[Stored entries]

= = = = = = =

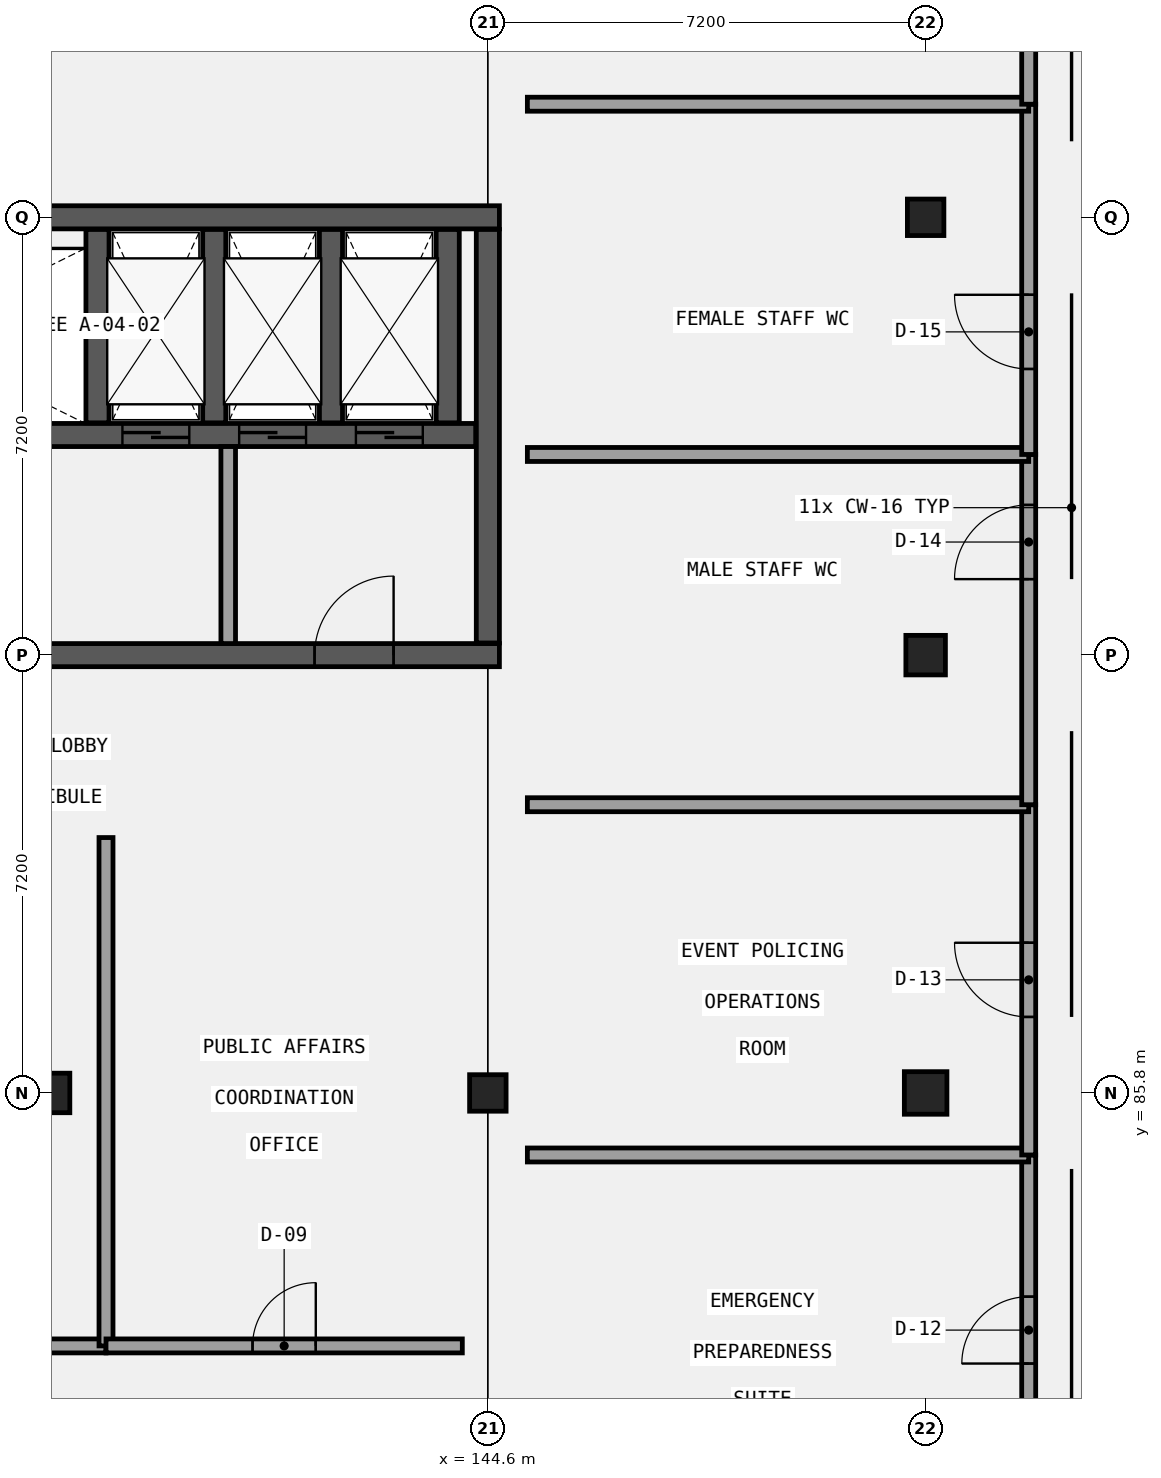
"""IFC4 building model, lengths in metres.
Left out: names, types, materials, properties, quantities, classifications, styles, units other than length and angle.
Written with IfcOpenShell. Run it as: python <this file> out.ifc"""

import sys

from ifc_helpers import new_model, si_unit, direction, frame, frame_2d, origin, origin_2d, place, context, subcontext, project, spatial, rectangle, extrude, element, fill, save


model = new_model("IFC4")
c1 = context("Model", 3, precision=1e-05, world=origin(), true_north=direction((0.0, 1.0)))
c2 = subcontext(c1, "Body", "Model", "MODEL_VIEW")
j1 = project(units=[si_unit("LENGTHUNIT", "METRE"), si_unit("PLANEANGLEUNIT", "RADIAN")], contexts=[c1])
p1 = place(None, origin())
s1 = spatial("IfcSite", under=j1, at=p1, CompositionType="ELEMENT")
p2 = place(p1, origin())
s2 = spatial("IfcBuilding", under=s1, at=p2, CompositionType="ELEMENT")
p3 = place(p2, frame((0.0, 0.0, 9.6)))
s3 = spatial("IfcBuildingStorey", under=s2, at=p3, CompositionType="ELEMENT", Elevation=9.6)
p4 = place(p3, frame((130.01, 100.2, 0.0), z_axis=(0.0, 0.0, 1.0), x_axis=(1.0, 0.0, 0.0)))
e1 = element("IfcWall", 1, at=p4, inside=s3, PredefinedType="SHEAR", context=c2, shape_type="SweptSolid", body=[
    extrude(rectangle(XDim=14.78, YDim=0.38, at=frame_2d((7.39, 0.0))), origin(), (0.0, 0.0, 1.0), 4.2),
])
p5 = place(p3, frame((130.01, 93.0, 0.0), z_axis=(0.0, 0.0, 1.0), x_axis=(1.0, 0.0, 0.0)))
e2 = element("IfcWall", 2, at=p5, inside=s3, PredefinedType="SHEAR", context=c2, shape_type="SweptSolid", body=[
    extrude(rectangle(XDim=14.78, YDim=0.38, at=frame_2d((7.39, 0.0))), origin(), (0.0, 0.0, 1.0), 4.2),
])
p6 = place(p5, frame((3.74, 0.0, 0.0)))
e3 = element("IfcOpeningElement", 3, at=p6, cuts=e2, PredefinedType="OPENING", context=c2, shape_type="SweptSolid", body=[
    extrude(rectangle(XDim=1.3, YDim=2.2, at=frame_2d((0.65, 1.1))), frame((0.0, 0.2, 0.0), z_axis=(0.0, -1.0, 0.0), x_axis=(1.0, 0.0, 0.0)), (0.0, 0.0, 1.0), 0.4),
])
p7 = place(p5, frame((11.74, 0.0, 0.0)))
e4 = element("IfcOpeningElement", 4, at=p7, cuts=e2, PredefinedType="OPENING", context=c2, shape_type="SweptSolid", body=[
    extrude(rectangle(XDim=1.3, YDim=2.2, at=frame_2d((0.65, 1.1))), frame((0.0, 0.2, 0.0), z_axis=(0.0, -1.0, 0.0), x_axis=(1.0, 0.0, 0.0)), (0.0, 0.0, 1.0), 0.4),
])
p8 = place(p3, frame((144.6, 93.2, 0.0), z_axis=(0.0, 0.0, 1.0), x_axis=(0.0, 1.0, 0.0)))
e5 = element("IfcWall", 5, at=p8, inside=s3, PredefinedType="SHEAR", context=c2, shape_type="SweptSolid", body=[
    extrude(rectangle(XDim=6.8, YDim=0.38, at=frame_2d((3.4, 0.0))), origin(), (0.0, 0.0, 1.0), 4.2),
])
p9 = place(p3, frame((130.4, 96.62, 0.0), z_axis=(0.0, 0.0, 1.0), x_axis=(1.0, 0.0, 0.0)))
e6 = element("IfcWall", 6, at=p9, inside=s3, PredefinedType="SHEAR", context=c2, shape_type="SweptSolid", body=[
    extrude(rectangle(XDim=14.0, YDim=0.38, at=frame_2d((7.0, 0.0))), origin(), (0.0, 0.0, 1.0), 4.2),
])
p10 = place(p9, frame((8.19, 0.0, 0.0)))
e7 = element("IfcOpeningElement", 7, at=p10, cuts=e6, PredefinedType="OPENING", context=c2, shape_type="SweptSolid", body=[
    extrude(rectangle(XDim=1.1, YDim=2.15, at=frame_2d((0.55, 1.075))), frame((0.0, 0.2, 0.0), z_axis=(0.0, -1.0, 0.0), x_axis=(1.0, 0.0, 0.0)), (0.0, 0.0, 1.0), 0.4),
])
p11 = place(p9, frame((10.11, 0.0, 0.0)))
e8 = element("IfcOpeningElement", 8, at=p11, cuts=e6, PredefinedType="OPENING", context=c2, shape_type="SweptSolid", body=[
    extrude(rectangle(XDim=1.1, YDim=2.15, at=frame_2d((0.55, 1.075))), frame((0.0, 0.2, 0.0), z_axis=(0.0, -1.0, 0.0), x_axis=(1.0, 0.0, 0.0)), (0.0, 0.0, 1.0), 0.4),
])
p12 = place(p9, frame((12.03, 0.0, 0.0)))
e9 = element("IfcOpeningElement", 9, at=p12, cuts=e6, PredefinedType="OPENING", context=c2, shape_type="SweptSolid", body=[
    extrude(rectangle(XDim=1.1, YDim=2.15, at=frame_2d((0.55, 1.075))), frame((0.0, 0.2, 0.0), z_axis=(0.0, -1.0, 0.0), x_axis=(1.0, 0.0, 0.0)), (0.0, 0.0, 1.0), 0.4),
])
p13 = place(p9, frame((0.375, 0.0, 0.0)))
e10 = element("IfcOpeningElement", 10, at=p13, cuts=e6, PredefinedType="OPENING", context=c2, shape_type="SweptSolid", body=[
    extrude(rectangle(XDim=1.15, YDim=2.15, at=frame_2d((0.575, 1.075))), frame((0.0, 0.2, 0.0), z_axis=(0.0, -1.0, 0.0), x_axis=(1.0, 0.0, 0.0)), (0.0, 0.0, 1.0), 0.4),
])
for number, where, z_axis, x_axis in (
    (11, (138.18, 96.82, 0.0), (0.0, 0.0, 1.0), (0.0, 1.0, 0.0)),
    (12, (140.1, 96.82, 0.0), (0.0, 0.0, 1.0), (0.0, 1.0, 0.0)),
    (13, (142.02, 96.82, 0.0), (0.0, 0.0, 1.0), (0.0, 1.0, 0.0)),
    (14, (143.94, 96.82, 0.0), (0.0, 0.0, 1.0), (0.0, 1.0, 0.0)),
):
    element("IfcWall", number, at=place(p3, frame(where, z_axis=z_axis, x_axis=x_axis)), inside=s3, PredefinedType="SHEAR", context=c2, shape_type="SweptSolid", body=[
        extrude(rectangle(XDim=3.18, YDim=0.38, at=frame_2d((1.59, 0.0))), origin(), (0.0, 0.0, 1.0), 4.2),
    ])
p14 = place(p3, frame((137.4, 85.8, 0.0), z_axis=(0.0, 0.0, 1.0), x_axis=(1.0, 0.0, 0.0)))
e15 = element("IfcColumn", 15, at=p14, inside=s3, PredefinedType="COLUMN", context=c2, shape_type="SweptSolid", body=[
    extrude(rectangle(XDim=0.65, YDim=0.65, at=origin_2d()), origin(), (0.0, 0.0, 1.0), 4.2),
])
p15 = place(p3, frame((144.6, 85.8, 0.0), z_axis=(0.0, 0.0, 1.0), x_axis=(1.0, 0.0, 0.0)))
e16 = element("IfcColumn", 16, at=p15, inside=s3, PredefinedType="COLUMN", context=c2, shape_type="SweptSolid", body=[
    extrude(rectangle(XDim=0.6, YDim=0.6, at=origin_2d()), origin(), (0.0, 0.0, 1.0), 4.2),
])
p16 = place(p3, frame((151.8, 85.8, 0.0), z_axis=(0.0, 0.0, 1.0), x_axis=(1.0, 0.0, 0.0)))
e17 = element("IfcColumn", 17, at=p16, inside=s3, PredefinedType="COLUMN", context=c2, shape_type="SweptSolid", body=[
    extrude(rectangle(XDim=0.7, YDim=0.7, at=origin_2d()), origin(), (0.0, 0.0, 1.0), 4.2),
])
p17 = place(p3, frame((151.8, 93.0, 0.0), z_axis=(0.0, 0.0, 1.0), x_axis=(1.0, 0.0, 0.0)))
e18 = element("IfcColumn", 18, at=p17, inside=s3, PredefinedType="COLUMN", context=c2, shape_type="SweptSolid", body=[
    extrude(rectangle(XDim=0.65, YDim=0.65, at=origin_2d()), origin(), (0.0, 0.0, 1.0), 4.2),
])
p18 = place(p3, frame((151.8, 100.2, 0.0), z_axis=(0.0, 0.0, 1.0), x_axis=(1.0, 0.0, 0.0)))
e19 = element("IfcColumn", 19, at=p18, inside=s3, PredefinedType="COLUMN", context=c2, shape_type="SweptSolid", body=[
    extrude(rectangle(XDim=0.6, YDim=0.6, at=origin_2d()), origin(), (0.0, 0.0, 1.0), 4.2),
])
p19 = place(p3, frame((140.33, 93.19, 0.0), z_axis=(0.0, 0.0, 1.0), x_axis=(0.0, 1.0, 0.0)))
e20 = element("IfcWall", 20, at=p19, inside=s3, PredefinedType="SOLIDWALL", context=c2, shape_type="SweptSolid", body=[
    extrude(rectangle(XDim=3.24, YDim=0.24, at=frame_2d((1.62, 0.0))), origin(), (0.0, 0.0, 1.0), 3.91),
])
p20 = place(p3, frame((132.46, 81.64, 0.0), z_axis=(0.0, 0.0, 1.0), x_axis=(1.0, 0.0, 0.0)))
e21 = element("IfcWall", 21, at=p20, inside=s3, PredefinedType="PARTITIONING", context=c2, shape_type="SweptSolid", body=[
    extrude(rectangle(XDim=5.86, YDim=0.23, at=frame_2d((2.93, 0.0))), origin(), (0.0, 0.0, 1.0), 3.94),
])
p21 = place(p20, frame((2.41, 0.0, 0.0)))
e22 = element("IfcOpeningElement", 22, at=p21, cuts=e21, PredefinedType="OPENING", context=c2, shape_type="SweptSolid", body=[
    extrude(rectangle(XDim=1.04, YDim=2.22, at=frame_2d((0.52, 1.11))), frame((0.0, 0.125, 0.0), z_axis=(0.0, -1.0, 0.0), x_axis=(1.0, 0.0, 0.0)), (0.0, 0.0, 1.0), 0.25),
])
p22 = place(p3, frame((138.32, 81.64, 0.0), z_axis=(0.0, 0.0, 1.0), x_axis=(0.0, 1.0, 0.0)))
e23 = element("IfcWall", 23, at=p22, inside=s3, PredefinedType="PARTITIONING", context=c2, shape_type="SweptSolid", body=[
    extrude(rectangle(XDim=8.36, YDim=0.23, at=frame_2d((4.18, 0.0))), origin(), (0.0, 0.0, 1.0), 3.94),
])
p23 = place(p3, frame((138.32, 81.64, 0.0), z_axis=(0.0, 0.0, 1.0), x_axis=(1.0, 0.0, 0.0)))
e24 = element("IfcWall", 24, at=p23, inside=s3, PredefinedType="PARTITIONING", context=c2, shape_type="SweptSolid", body=[
    extrude(rectangle(XDim=5.86, YDim=0.23, at=frame_2d((2.93, 0.0))), origin(), (0.0, 0.0, 1.0), 3.94),
])
p24 = place(p23, frame((2.41, 0.0, 0.0)))
e25 = element("IfcOpeningElement", 25, at=p24, cuts=e24, PredefinedType="OPENING", context=c2, shape_type="SweptSolid", body=[
    extrude(rectangle(XDim=1.04, YDim=2.35, at=frame_2d((0.52, 1.175))), frame((0.0, 0.125, 0.0), z_axis=(0.0, -1.0, 0.0), x_axis=(1.0, 0.0, 0.0)), (0.0, 0.0, 1.0), 0.25),
])
p25 = place(p3, frame((153.495, 79.02, 0.0), z_axis=(0.0, 0.0, 1.0), x_axis=(0.0, 1.0, 0.0)))
e26 = element("IfcWall", 26, at=p25, inside=s3, PredefinedType="PARTITIONING", context=c2, shape_type="SweptSolid", body=[
    extrude(rectangle(XDim=5.76, YDim=0.23, at=frame_2d((2.88, 0.0))), origin(), (0.0, 0.0, 1.0), 3.94),
])
p26 = place(p25, frame((2.33, 0.0, 0.0)))
e27 = element("IfcOpeningElement", 27, at=p26, cuts=e26, PredefinedType="OPENING", context=c2, shape_type="SweptSolid", body=[
    extrude(rectangle(XDim=1.1, YDim=2.35, at=frame_2d((0.55, 1.175))), frame((0.0, 0.125, 0.0), z_axis=(0.0, -1.0, 0.0), x_axis=(1.0, 0.0, 0.0)), (0.0, 0.0, 1.0), 0.25),
])
p27 = place(p3, frame((145.25, 84.78, 0.0), z_axis=(0.0, 0.0, 1.0), x_axis=(1.0, 0.0, 0.0)))
e28 = element("IfcWall", 28, at=p27, inside=s3, PredefinedType="PARTITIONING", context=c2, shape_type="SweptSolid", body=[
    extrude(rectangle(XDim=8.245, YDim=0.23, at=frame_2d((4.123, 0.0))), origin(), (0.0, 0.0, 1.0), 3.94),
])
p28 = place(p3, frame((153.495, 84.78, 0.0), z_axis=(0.0, 0.0, 1.0), x_axis=(0.0, 1.0, 0.0)))
e29 = element("IfcWall", 29, at=p28, inside=s3, PredefinedType="PARTITIONING", context=c2, shape_type="SweptSolid", body=[
    extrude(rectangle(XDim=5.76, YDim=0.23, at=frame_2d((2.88, 0.0))), origin(), (0.0, 0.0, 1.0), 3.94),
])
p29 = place(p28, frame((2.27, 0.0, 0.0)))
e30 = element("IfcOpeningElement", 30, at=p29, cuts=e29, PredefinedType="OPENING", context=c2, shape_type="SweptSolid", body=[
    extrude(rectangle(XDim=1.22, YDim=2.1, at=frame_2d((0.61, 1.05))), frame((0.0, 0.125, 0.0), z_axis=(0.0, -1.0, 0.0), x_axis=(1.0, 0.0, 0.0)), (0.0, 0.0, 1.0), 0.25),
])
p30 = place(p3, frame((145.25, 90.54, 0.0), z_axis=(0.0, 0.0, 1.0), x_axis=(1.0, 0.0, 0.0)))
e31 = element("IfcWall", 31, at=p30, inside=s3, PredefinedType="PARTITIONING", context=c2, shape_type="SweptSolid", body=[
    extrude(rectangle(XDim=8.245, YDim=0.23, at=frame_2d((4.123, 0.0))), origin(), (0.0, 0.0, 1.0), 3.94),
])
p31 = place(p3, frame((153.495, 90.54, 0.0), z_axis=(0.0, 0.0, 1.0), x_axis=(0.0, 1.0, 0.0)))
e32 = element("IfcWall", 32, at=p31, inside=s3, PredefinedType="PARTITIONING", context=c2, shape_type="SweptSolid", body=[
    extrude(rectangle(XDim=5.76, YDim=0.23, at=frame_2d((2.88, 0.0))), origin(), (0.0, 0.0, 1.0), 3.94),
])
p32 = place(p31, frame((3.71, 0.0, 0.0)))
e33 = element("IfcOpeningElement", 33, at=p32, cuts=e32, PredefinedType="OPENING", context=c2, shape_type="SweptSolid", body=[
    extrude(rectangle(XDim=1.22, YDim=2.22, at=frame_2d((0.61, 1.11))), frame((0.0, 0.125, 0.0), z_axis=(0.0, -1.0, 0.0), x_axis=(1.0, 0.0, 0.0)), (0.0, 0.0, 1.0), 0.25),
])
p33 = place(p3, frame((145.25, 96.3, 0.0), z_axis=(0.0, 0.0, 1.0), x_axis=(1.0, 0.0, 0.0)))
e34 = element("IfcWall", 34, at=p33, inside=s3, PredefinedType="PARTITIONING", context=c2, shape_type="SweptSolid", body=[
    extrude(rectangle(XDim=8.245, YDim=0.23, at=frame_2d((4.123, 0.0))), origin(), (0.0, 0.0, 1.0), 3.39),
])
p34 = place(p3, frame((153.495, 96.3, 0.0), z_axis=(0.0, 0.0, 1.0), x_axis=(0.0, 1.0, 0.0)))
e35 = element("IfcWall", 35, at=p34, inside=s3, PredefinedType="PARTITIONING", context=c2, shape_type="SweptSolid", body=[
    extrude(rectangle(XDim=5.76, YDim=0.23, at=frame_2d((2.88, 0.0))), origin(), (0.0, 0.0, 1.0), 3.94),
])
p35 = place(p34, frame((1.406, 0.0, 0.0)))
e36 = element("IfcOpeningElement", 36, at=p35, cuts=e35, PredefinedType="OPENING", context=c2, shape_type="SweptSolid", body=[
    extrude(rectangle(XDim=1.22, YDim=2.35, at=frame_2d((0.61, 1.175))), frame((0.0, 0.125, 0.0), z_axis=(0.0, -1.0, 0.0), x_axis=(1.0, 0.0, 0.0)), (0.0, 0.0, 1.0), 0.25),
])
p36 = place(p3, frame((145.25, 102.06, 0.0), z_axis=(0.0, 0.0, 1.0), x_axis=(1.0, 0.0, 0.0)))
e37 = element("IfcWall", 37, at=p36, inside=s3, PredefinedType="PARTITIONING", context=c2, shape_type="SweptSolid", body=[
    extrude(rectangle(XDim=8.245, YDim=0.23, at=frame_2d((4.123, 0.0))), origin(), (0.0, 0.0, 1.0), 3.39),
])
p37 = place(p3, frame((153.495, 102.06, 0.0), z_axis=(0.0, 0.0, 1.0), x_axis=(0.0, 1.0, 0.0)))
e38 = element("IfcWall", 38, at=p37, inside=s3, PredefinedType="PARTITIONING", context=c2, shape_type="SweptSolid", body=[
    extrude(rectangle(XDim=5.76, YDim=0.23, at=frame_2d((2.88, 0.0))), origin(), (0.0, 0.0, 1.0), 3.94),
])
p38 = place(p37, frame((2.2, 0.0, 0.0)))
e39 = element("IfcOpeningElement", 39, at=p38, cuts=e38, PredefinedType="OPENING", context=c2, shape_type="SweptSolid", body=[
    extrude(rectangle(XDim=1.36, YDim=2.1, at=frame_2d((0.68, 1.05))), frame((0.0, 0.125, 0.0), z_axis=(0.0, -1.0, 0.0), x_axis=(1.0, 0.0, 0.0)), (0.0, 0.0, 1.0), 0.25),
])
p39 = place(p10, frame((1.1, 0.0, 0.0), z_axis=(0.0, 0.0, 1.0), x_axis=(-1.0, 0.0, 0.0)))
e40 = element("IfcDoor", 40, at=p39, inside=s3, OperationType="DOUBLE_DOOR_SLIDING", PredefinedType="DOOR", context=c2, shape_type="SweptSolid", body=[
    extrude(rectangle(XDim=1.1, YDim=2.15, at=frame_2d((0.55, 1.075))), frame((0.0, 0.025, 0.0), z_axis=(0.0, -1.0, 0.0), x_axis=(1.0, 0.0, 0.0)), (0.0, 0.0, 1.0), 0.05),
])
fill(e7, e40)
p40 = place(p11, frame((1.1, 0.0, 0.0), z_axis=(0.0, 0.0, 1.0), x_axis=(-1.0, 0.0, 0.0)))
e41 = element("IfcDoor", 41, at=p40, inside=s3, OperationType="DOUBLE_DOOR_SLIDING", PredefinedType="DOOR", context=c2, shape_type="SweptSolid", body=[
    extrude(rectangle(XDim=1.1, YDim=2.15, at=frame_2d((0.55, 1.075))), frame((0.0, 0.025, 0.0), z_axis=(0.0, -1.0, 0.0), x_axis=(1.0, 0.0, 0.0)), (0.0, 0.0, 1.0), 0.05),
])
fill(e8, e41)
p41 = place(p12, frame((1.1, 0.0, 0.0), z_axis=(0.0, 0.0, 1.0), x_axis=(-1.0, 0.0, 0.0)))
e42 = element("IfcDoor", 42, at=p41, inside=s3, OperationType="DOUBLE_DOOR_SLIDING", PredefinedType="DOOR", context=c2, shape_type="SweptSolid", body=[
    extrude(rectangle(XDim=1.1, YDim=2.15, at=frame_2d((0.55, 1.075))), frame((0.0, 0.025, 0.0), z_axis=(0.0, -1.0, 0.0), x_axis=(1.0, 0.0, 0.0)), (0.0, 0.0, 1.0), 0.05),
])
fill(e9, e42)
p42 = place(p7, frame((1.3, 0.0, 0.0), z_axis=(0.0, 0.0, 1.0), x_axis=(-1.0, 0.0, 0.0)))
e43 = element("IfcDoor", 43, at=p42, inside=s3, OperationType="SINGLE_SWING_RIGHT", PredefinedType="DOOR", context=c2, shape_type="SweptSolid", body=[
    extrude(rectangle(XDim=1.3, YDim=2.2, at=frame_2d((0.65, 1.1))), frame((0.0, 0.025, 0.0), z_axis=(0.0, -1.0, 0.0), x_axis=(1.0, 0.0, 0.0)), (0.0, 0.0, 1.0), 0.05),
])
fill(e4, e43)
p43 = place(p24, origin())
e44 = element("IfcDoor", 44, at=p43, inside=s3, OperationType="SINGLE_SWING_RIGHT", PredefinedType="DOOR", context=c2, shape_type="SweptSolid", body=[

= = = = = = =

> **What the exercise asks**
This exercise asks for an exact copy of the lines from the first one in the data through the line that contains "p3 = place(p2, frame((0.0, 0.0, 9.6)))", pictures excluded.

> **Task output**
"""IFC4 building model, lengths in metres.
Left out: names, types, materials, properties, quantities, classifications, styles, units other than length and angle.
Written with IfcOpenShell. Run it as: python <this file> out.ifc"""

import sys

from ifc_helpers import new_model, si_unit, direction, frame, frame_2d, origin, origin_2d, place, context, subcontext, project, spatial, rectangle, extrude, element, fill, save


model = new_model("IFC4")
c1 = context("Model", 3, precision=1e-05, world=origin(), true_north=direction((0.0, 1.0)))
c2 = subcontext(c1, "Body", "Model", "MODEL_VIEW")
j1 = project(units=[si_unit("LENGTHUNIT", "METRE"), si_unit("PLANEANGLEUNIT", "RADIAN")], contexts=[c1])
p1 = place(None, origin())
s1 = spatial("IfcSite", under=j1, at=p1, CompositionType="ELEMENT")
p2 = place(p1, origin())
s2 = spatial("IfcBuilding", under=s1, at=p2, CompositionType="ELEMENT")
p3 = place(p2, frame((0.0, 0.0, 9.6)))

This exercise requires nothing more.